- **Requirement**:
Among the entries, which lines carry the string "centre"? Copy each of them.

- **Input data**:

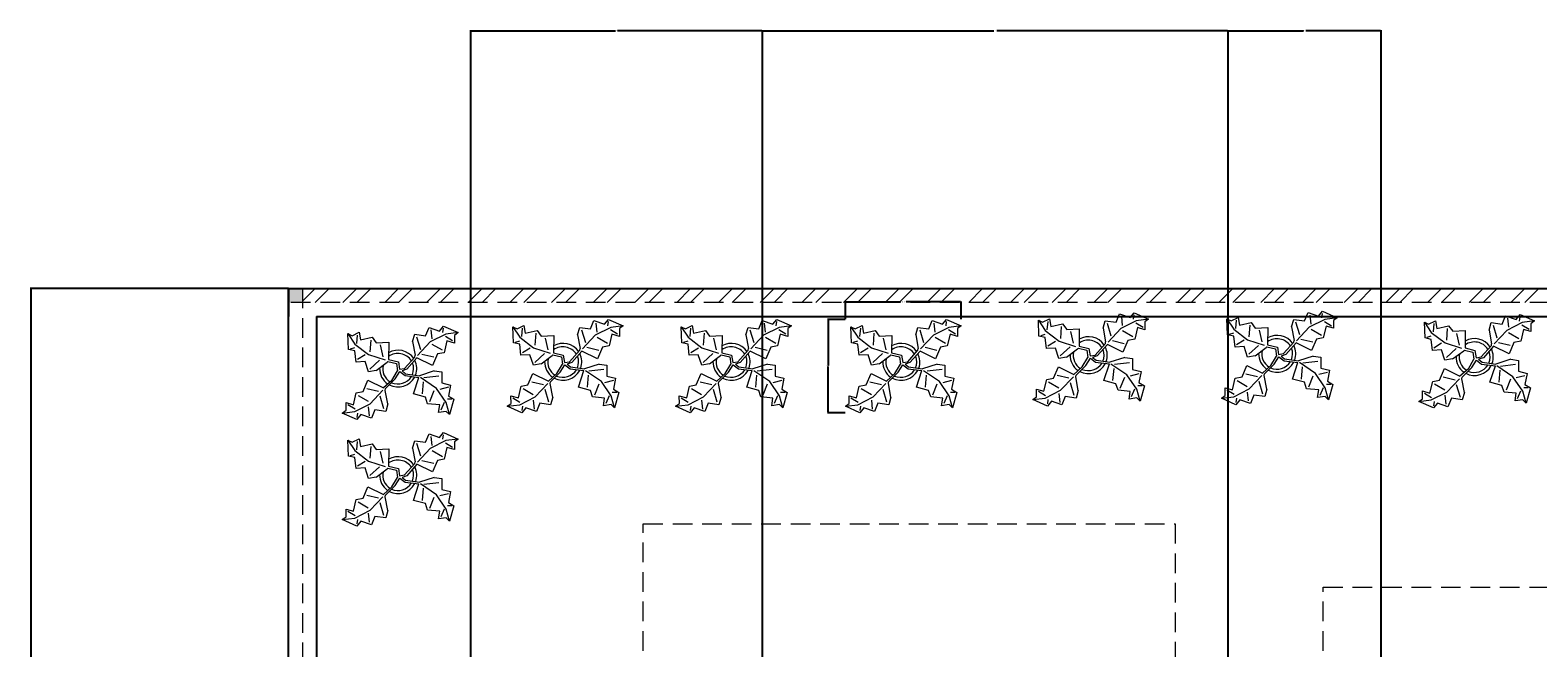
# Model space of a CAD drawing. Units: inches. Extents: x 19613 to 21413, y 12082 to 13202.
# Tile 5 of 9: x 19613 to 20100, y 13002 to 13202. Entities that reach past the tile are written whole.
import ezdxf

# ---------------------------------------------------------------- set-up
doc = ezdxf.new("R2010")
doc.units = ezdxf.units.IN
doc.linetypes.add('HIDDEN', pattern=[9.525, 6.35, -3.175])
for name, color, linetype, lineweight in [('A-ANNO-DIMS', 2, 'Continuous', 18), ('A-COLS-PATT', 6, 'Continuous', 13), ('A-FLOR-HIDN', 8, 'HIDDEN', 13), ('A-WALL-PATT', 252, 'Continuous', 13), ('C-PROP', 7, 'Continuous', 25), ('C-PROP-HIDN', 8, 'HIDDEN', 13), ('L-PLNT', 116, 'Continuous', 18)]:
    doc.layers.add(name, color=color, linetype=linetype, lineweight=lineweight)
doc.styles.get("Standard").update_dxf_attribs({"font": 'arial.ttf'})
doc.dimstyles.get("Standard").update_dxf_attribs({"dimtxt": 0.18, "dimasz": 0.18, "dimexe": 0.18, "dimexo": 0.0625, "dimgap": 0.09, "dimtad": 0, "dimtih": 1, "dimtoh": 1, "dimdec": 4, "dimzin": 0, "dimdsep": 46, "dimtxsty": 'Standard', "dimcen": 0.09, "dimadec": 0, "dimazin": 0, "dimtfac": 1, "dimtdec": 4, "dimtofl": 0, "dimtmove": 0, "dimatfit": 3, "dimfxl": 1, "dimtolj": 1, "dimtzin": 0, "dimarcsym": 0})

# ---------------------------------------------------------------- blocks, each defined once
blk = doc.blocks.new('Plant - Rubber or Philodendron')
for p, q in [((-16.2005, 11.4774), (-13.9899, 8.1064)), ((-16.2005, 11.4774), (-14.8639, 10.7964)), ((-16.0159, 6.3329), (-16.2005, 11.4774)), ((-14.8639, 10.7964), (-12.6195, 11.8975)), ((-13.3174, 8.325), (-13.0735, 11.0065)), ((-12.6195, 11.8975), (-12.1909, 9.4345)), ((-12.1909, 9.4345), (-8.3829, 10.3)), ((-8.3829, 10.3), (-7.0549, 8.501)), ((4.6914, 8.8812), (5.3859, 11.2828)), ((5.3859, 11.2828), (8.8871, 10.7908)), ((5.9878, 10.4842), (7.1971, 6.3869)), ((8.8871, 10.7908), (9.9809, 13.4933)), ((9.9809, 13.4933), (13.3837, 12.301)), ((15.3859, 11.3055), (10.3916, 8.7942)), ((10.5828, 12.6946), (10.8893, 9.7953)), ((13.3837, 12.301), (14.68, 13.9039)), ((14.5816, 13.2037), (14.3848, 11.8033)), ((14.68, 13.9039), (19.3848, 11.8146)), ((15.2875, 10.6053), (17.5907, 9.2105)), ((19.3848, 11.8146), (15.3859, 11.3055)), ((19.3848, 11.8146), (18.1868, 10.9119)), ((18.1868, 10.9119), (18.1925, 8.4119)), ((-14.0069, 5.8704), (-16.0159, 6.3329)), ((-15.3434, 6.5514), (-13.9984, 6.9884)), ((-13.5868, 2.2894), (-14.0069, 5.8704)), ((-13.9899, 8.1064), (-9.5434, 4.7185)), ((-8.8369, 9.409), (-9.0894, 5.6095)), ((-7.0549, 8.501), (-3.0284, 8.6941)), ((-4.8529, 4.012), (-5.7184, 7.82)), ((-3.0284, 8.6941), (-3.0709, 3.1041)), ((4.6914, 8.8812), (5.5014, 4.4831)), ((10.3916, 8.7942), (6.2847, 4.4028)), ((7.7005, 4.8881), (11.5025, 3.9967)), ((14.2977, 6.1031), (10.9934, 7.9956)), ((12.7005, 4.8994), (11.1089, 1.1958)), ((14.8995, 5.3044), (12.7005, 4.8994)), ((15.7909, 9.1065), (14.8995, 5.3044)), ((18.1925, 8.4119), (15.7909, 9.1065)), ((-10.6784, 2.491), (-13.5868, 2.2894)), ((-13.1329, 3.1804), (-10.6614, 4.727)), ((-9.5858, -0.8715), (-10.6784, 2.491)), ((-9.5434, 4.7185), (-4.1917, 2.9888)), ((-9.1318, 0.0195), (-5.9793, 2.9025)), ((-7.1228, -0.443), (-3.5248, 2.2131)), ((-3.5248, 2.2131), (-3.3011, 2.4355)), ((-3.3011, 2.4355), (-0.5306, 1.7947)), ((-3.0709, 3.1041), (0.0797, 2.3163)), ((-0.5306, 1.7947), (-0.2255, -0.5527)), ((-0.5306, 1.7947), (-0.5306, 1.7947)), ((0.0797, 2.3163), (0.4866, -0.031)), ((0.4866, -0.031), (2.1141, 0.2298)), ((2.1141, 0.2298), (5.4346, 3.9146)), ((6.1032, 3.6844), (2.8262, -0.031)), ((5.4346, 3.9146), (5.5014, 4.4831)), ((11.1089, 1.1958), (6.1032, 3.6844)), ((-11.3237, -7.2629), (-9.7321, -3.5593)), ((-9.7321, -3.5593), (-4.7264, -6.0479)), ((-7.1228, -0.443), (-9.5858, -0.8715)), ((-2.019, -3.6148), (-4.7264, -6.0479)), ((-4.0579, -6.2781), (-0.9375, -3.1608)), ((-2.019, -3.6148), (-0.2255, -0.5527)), ((-0.9375, -3.1608), (0.5883, -0.8135)), ((0.5883, -0.8135), (2.2447, -2.0916)), ((2.8262, -0.031), (1.3003, -0.5527)), ((1.3003, -0.5527), (2.4193, -1.4655)), ((2.2447, -2.0916), (6.7108, -2.6626)), ((2.4193, -1.4655), (6.895, -2.1175)), ((4.943, -7.9659), (6.7108, -2.6626)), ((11.6605, -0.5413), (6.895, -2.1175)), ((12.3677, -6.1981), (7.219, -2.6772)), ((8.125, -4.0768), (7.7715, -7.9659)), ((8.3544, -2.7453), (13.1973, -2.1704)), ((11.6605, -0.5413), (14.1354, -0.8948)), ((14.1354, -0.8948), (14.1354, -4.4304)), ((14.1354, -4.4304), (16.9638, -5.1375)), ((-14.4141, -11.4699), (-13.5228, -7.6679)), ((-13.5228, -7.6679), (-11.3237, -7.2629)), ((-12.921, -8.4665), (-9.6166, -10.359)), ((-6.3237, -7.2516), (-10.1257, -6.3602)), ((-9.0148, -11.1577), (-4.9047, -6.8122)), ((-4.611, -12.8477), (-5.8203, -8.7504)), ((-4.1246, -6.8466), (-4.0579, -6.2781)), ((-3.3146, -11.2447), (-4.1246, -6.8466)), ((8.8321, -9.0266), (4.943, -7.9659)), ((9.5392, -11.1479), (8.8321, -9.0266)), ((10.2463, -10.4408), (11.6605, -6.9053)), ((15.5496, -10.7943), (12.3677, -6.1981)), ((16.2567, -5.8446), (13.4283, -6.5517)), ((17.3174, -9.7337), (15.9032, -9.7337)), ((16.9638, -5.1375), (16.2567, -8.673)), ((16.2567, -8.673), (18.0245, -9.7337)), ((18.0245, -9.7337), (16.6103, -14.6834)), ((-18.008, -14.1781), (-16.8101, -13.2754)), ((-18.008, -14.1781), (-14.0091, -13.669)), ((-13.3032, -16.2674), (-18.008, -14.1781)), ((-16.8157, -10.7754), (-14.4141, -11.4699)), ((-16.8101, -13.2754), (-16.8157, -10.7754)), ((-13.9107, -12.9688), (-16.2139, -11.574)), ((-14.0091, -13.669), (-9.0148, -11.1577)), ((-13.2048, -15.5672), (-13.008, -14.1668)), ((-9.206, -15.0581), (-9.5126, -12.1588)), ((-7.5103, -13.1543), (-8.6042, -15.8568)), ((-4.0092, -13.6463), (-7.5103, -13.1543)), ((-3.3146, -11.2447), (-4.0092, -13.6463)), ((13.4283, -11.5015), (9.5392, -11.1479)), ((13.0748, -13.9763), (13.4283, -11.5015)), ((15.5496, -13.6228), (13.0748, -13.9763)), ((14.8425, -10.7943), (13.7819, -13.2692)), ((16.6103, -14.6834), (15.5496, -10.7943)), ((16.6103, -14.6834), (15.5496, -13.6228)), ((-12.0069, -14.6645), (-13.3032, -16.2674)), ((-8.6042, -15.8568), (-12.0069, -14.6645))]:
    blk.add_line(p, q)
for centre, radius, start, end in [((0, 0), 6.1275, 34.37569, 120.1028), ((-0.0601, -0.2075), 5.2461, 33.82192, 124.9414), ((0.0308, 0.1664), 6, 178.6147, 235.1169), ((0.0308, 0.1664), 5, 168.1647, 238.6725), ((-0.2664, 0.1682), 5.2775, 338.4094, 20.03007), ((-0.098, 0.1364), 6.1288, 341.2017, 26.09184), ((-0.0234, 0.3825), 6.1492, 242.5812, 331.2714), ((-0.1102, 0.4886), 5.2883, 247.3711, 327.472)]:
    blk.add_arc(centre, radius, start, end)
blk = doc.blocks.new('*D39')
at = {"layer": 'A-ANNO-DIMS', "color": 0, "lineweight": -2, "transparency": 16777216}
for p, q in [((19876.51, 13108.39), (19876.51, 13114.12)), ((19876.69, 13113.94), (19894.24, 13113.94)), ((19913.72, 13113.94), (19896.17, 13113.94)), ((19913.9, 13108.39), (19913.9, 13114.12))]:
    blk.add_line(p, q, dxfattribs=at)
at = {"layer": 'A-ANNO-DIMS', "color": 0, "transparency": 16777216}
for points in [[(19876.69, 13113.97), (19876.69, 13113.91), (19876.51, 13113.94)], [(19913.72, 13113.97), (19913.72, 13113.91), (19913.9, 13113.94)]]:
    blk.add_solid(points, dxfattribs=at)
at = {"layer": 'Defpoints', "color": 0, "transparency": 16777216}
for p in [(19913.9, 13113.94), (19876.51, 13108.33), (19913.9, 13108.33)]:
    blk.add_point(p, dxfattribs=at)
at = {"layer": 'A-ANNO-DIMS', "color": 0, "transparency": 16777216, "insert": (19895.2, 13113.94), "char_height": 0.18, "attachment_point": 5}
blk.add_mtext('\\A1;PLANT 37 TYP.', dxfattribs=at)
blk = doc.blocks.new('*D40')
at = {"layer": 'A-ANNO-DIMS', "color": 0, "lineweight": -2, "transparency": 16777216}
for p, q in [((19876.44, 13108.33), (19870.72, 13108.33)), ((19870.9, 13108.15), (19870.9, 13093.43)), ((19870.9, 13078.34), (19870.9, 13093.06)), ((19876.44, 13078.16), (19870.72, 13078.16))]:
    blk.add_line(p, q, dxfattribs=at)
at = {"layer": 'A-ANNO-DIMS', "color": 0, "transparency": 16777216}
for points in [[(19870.87, 13108.15), (19870.93, 13108.15), (19870.9, 13108.33)], [(19870.87, 13078.34), (19870.93, 13078.34), (19870.9, 13078.16)]]:
    blk.add_solid(points, dxfattribs=at)
at = {"layer": 'Defpoints', "color": 0, "transparency": 16777216}
for p in [(19870.9, 13108.33), (19876.51, 13108.33), (19876.51, 13078.16)]:
    blk.add_point(p, dxfattribs=at)
at = {"layer": 'A-ANNO-DIMS', "color": 0, "transparency": 16777216, "insert": (19870.9, 13093.25), "char_height": 0.18, "attachment_point": 5}
blk.add_mtext('\\A1;30 TYP.', dxfattribs=at)
blk = doc.blocks.new('*D84')
at = {"layer": 'A-ANNO-DIMS', "color": 0, "lineweight": -2, "transparency": 16777216}
for p, q in [((19696.63, 13118.28), (19613.26, 13118.28)), ((19613.44, 13118.1), (19613.44, 12646.96)), ((19613.44, 12175.46), (19613.44, 12646.6)), ((19696.63, 12175.28), (19613.26, 12175.28))]:
    blk.add_line(p, q, dxfattribs=at)
at = {"layer": 'A-ANNO-DIMS', "color": 0, "transparency": 16777216}
for points in [[(19613.41, 13118.1), (19613.47, 13118.1), (19613.44, 13118.28)], [(19613.41, 12175.46), (19613.47, 12175.46), (19613.44, 12175.28)]]:
    blk.add_solid(points, dxfattribs=at)
at = {"layer": 'Defpoints', "color": 0, "transparency": 16777216}
for p in [(19613.44, 13118.28), (19696.69, 13118.28), (19696.69, 12175.28)]:
    blk.add_point(p, dxfattribs=at)
at = {"layer": 'A-ANNO-DIMS', "color": 0, "transparency": 16777216, "insert": (19613.44, 12646.78), "char_height": 0.18, "attachment_point": 5}
blk.add_mtext('\\A1;943', dxfattribs=at)
blk = doc.blocks.new('*D101')
at = {"layer": 'A-ANNO-DIMS', "color": 0, "lineweight": -2, "transparency": 16777216}
for p, q in [((19755.54, 12982.34), (19755.54, 13201.71)), ((19755.72, 13201.53), (19802.31, 13201.53)), ((19849.55, 13201.53), (19802.96, 13201.53)), ((19849.73, 12982.34), (19849.73, 13201.71))]:
    blk.add_line(p, q, dxfattribs=at)
at = {"layer": 'A-ANNO-DIMS', "color": 0, "transparency": 16777216}
for points in [[(19755.72, 13201.56), (19755.72, 13201.5), (19755.54, 13201.53)], [(19849.55, 13201.56), (19849.55, 13201.5), (19849.73, 13201.53)]]:
    blk.add_solid(points, dxfattribs=at)
at = {"layer": 'Defpoints', "color": 0, "transparency": 16777216}
for p in [(19849.73, 13201.53), (19755.54, 12982.28), (19849.73, 12982.28)]:
    blk.add_point(p, dxfattribs=at)
at = {"layer": 'A-ANNO-DIMS', "color": 0, "transparency": 16777216, "insert": (19802.63, 13201.53), "char_height": 0.18, "attachment_point": 5}
blk.add_mtext('\\A1;94.2', dxfattribs=at)
blk = doc.blocks.new('*D102')
at = {"layer": 'A-ANNO-DIMS', "color": 0, "lineweight": -2, "transparency": 16777216}
for p, q in [((19849.73, 12982.34), (19849.73, 13201.71)), ((19849.91, 13201.53), (19924.46, 13201.53)), ((19999.93, 13201.53), (19925.37, 13201.53)), ((20000.11, 12982.34), (20000.11, 13201.71))]:
    blk.add_line(p, q, dxfattribs=at)
at = {"layer": 'A-ANNO-DIMS', "color": 0, "transparency": 16777216}
for points in [[(19849.91, 13201.56), (19849.91, 13201.5), (19849.73, 13201.53)], [(19999.93, 13201.56), (19999.93, 13201.5), (20000.11, 13201.53)]]:
    blk.add_solid(points, dxfattribs=at)
at = {"layer": 'Defpoints', "color": 0, "transparency": 16777216}
for p in [(20000.11, 13201.53), (19849.73, 12982.28), (20000.11, 12982.28)]:
    blk.add_point(p, dxfattribs=at)
at = {"layer": 'A-ANNO-DIMS', "color": 0, "transparency": 16777216, "insert": (19924.92, 13201.53), "char_height": 0.18, "attachment_point": 5}
blk.add_mtext('\\A1;150.37', dxfattribs=at)
blk = doc.blocks.new('*D103')
at = {"layer": 'A-ANNO-DIMS', "color": 0, "lineweight": -2, "transparency": 16777216}
for p, q in [((20000.11, 12982.34), (20000.11, 13201.71)), ((20000.29, 13201.53), (20024.4, 13201.53)), ((20049.3, 13201.53), (20025.19, 13201.53)), ((20049.48, 12982.34), (20049.48, 13201.71))]:
    blk.add_line(p, q, dxfattribs=at)
at = {"layer": 'A-ANNO-DIMS', "color": 0, "transparency": 16777216}
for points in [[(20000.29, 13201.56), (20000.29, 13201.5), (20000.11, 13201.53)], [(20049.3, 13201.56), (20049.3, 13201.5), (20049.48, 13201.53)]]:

- **Final answer**:
for centre, radius, start, end in [((0, 0), 6.1275, 34.37569, 120.1028), ((-0.0601, -0.2075), 5.2461, 33.82192, 124.9414), ((0.0308, 0.1664), 6, 178.6147, 235.1169), ((0.0308, 0.1664), 5, 168.1647, 238.6725), ((-0.2664, 0.1682), 5.2775, 338.4094, 20.03007), ((-0.098, 0.1364), 6.1288, 341.2017, 26.09184), ((-0.0234, 0.3825), 6.1492, 242.5812, 331.2714), ((-0.1102, 0.4886), 5.2883, 247.3711, 327.472)]:
    blk.add_arc(centre, radius, start, end)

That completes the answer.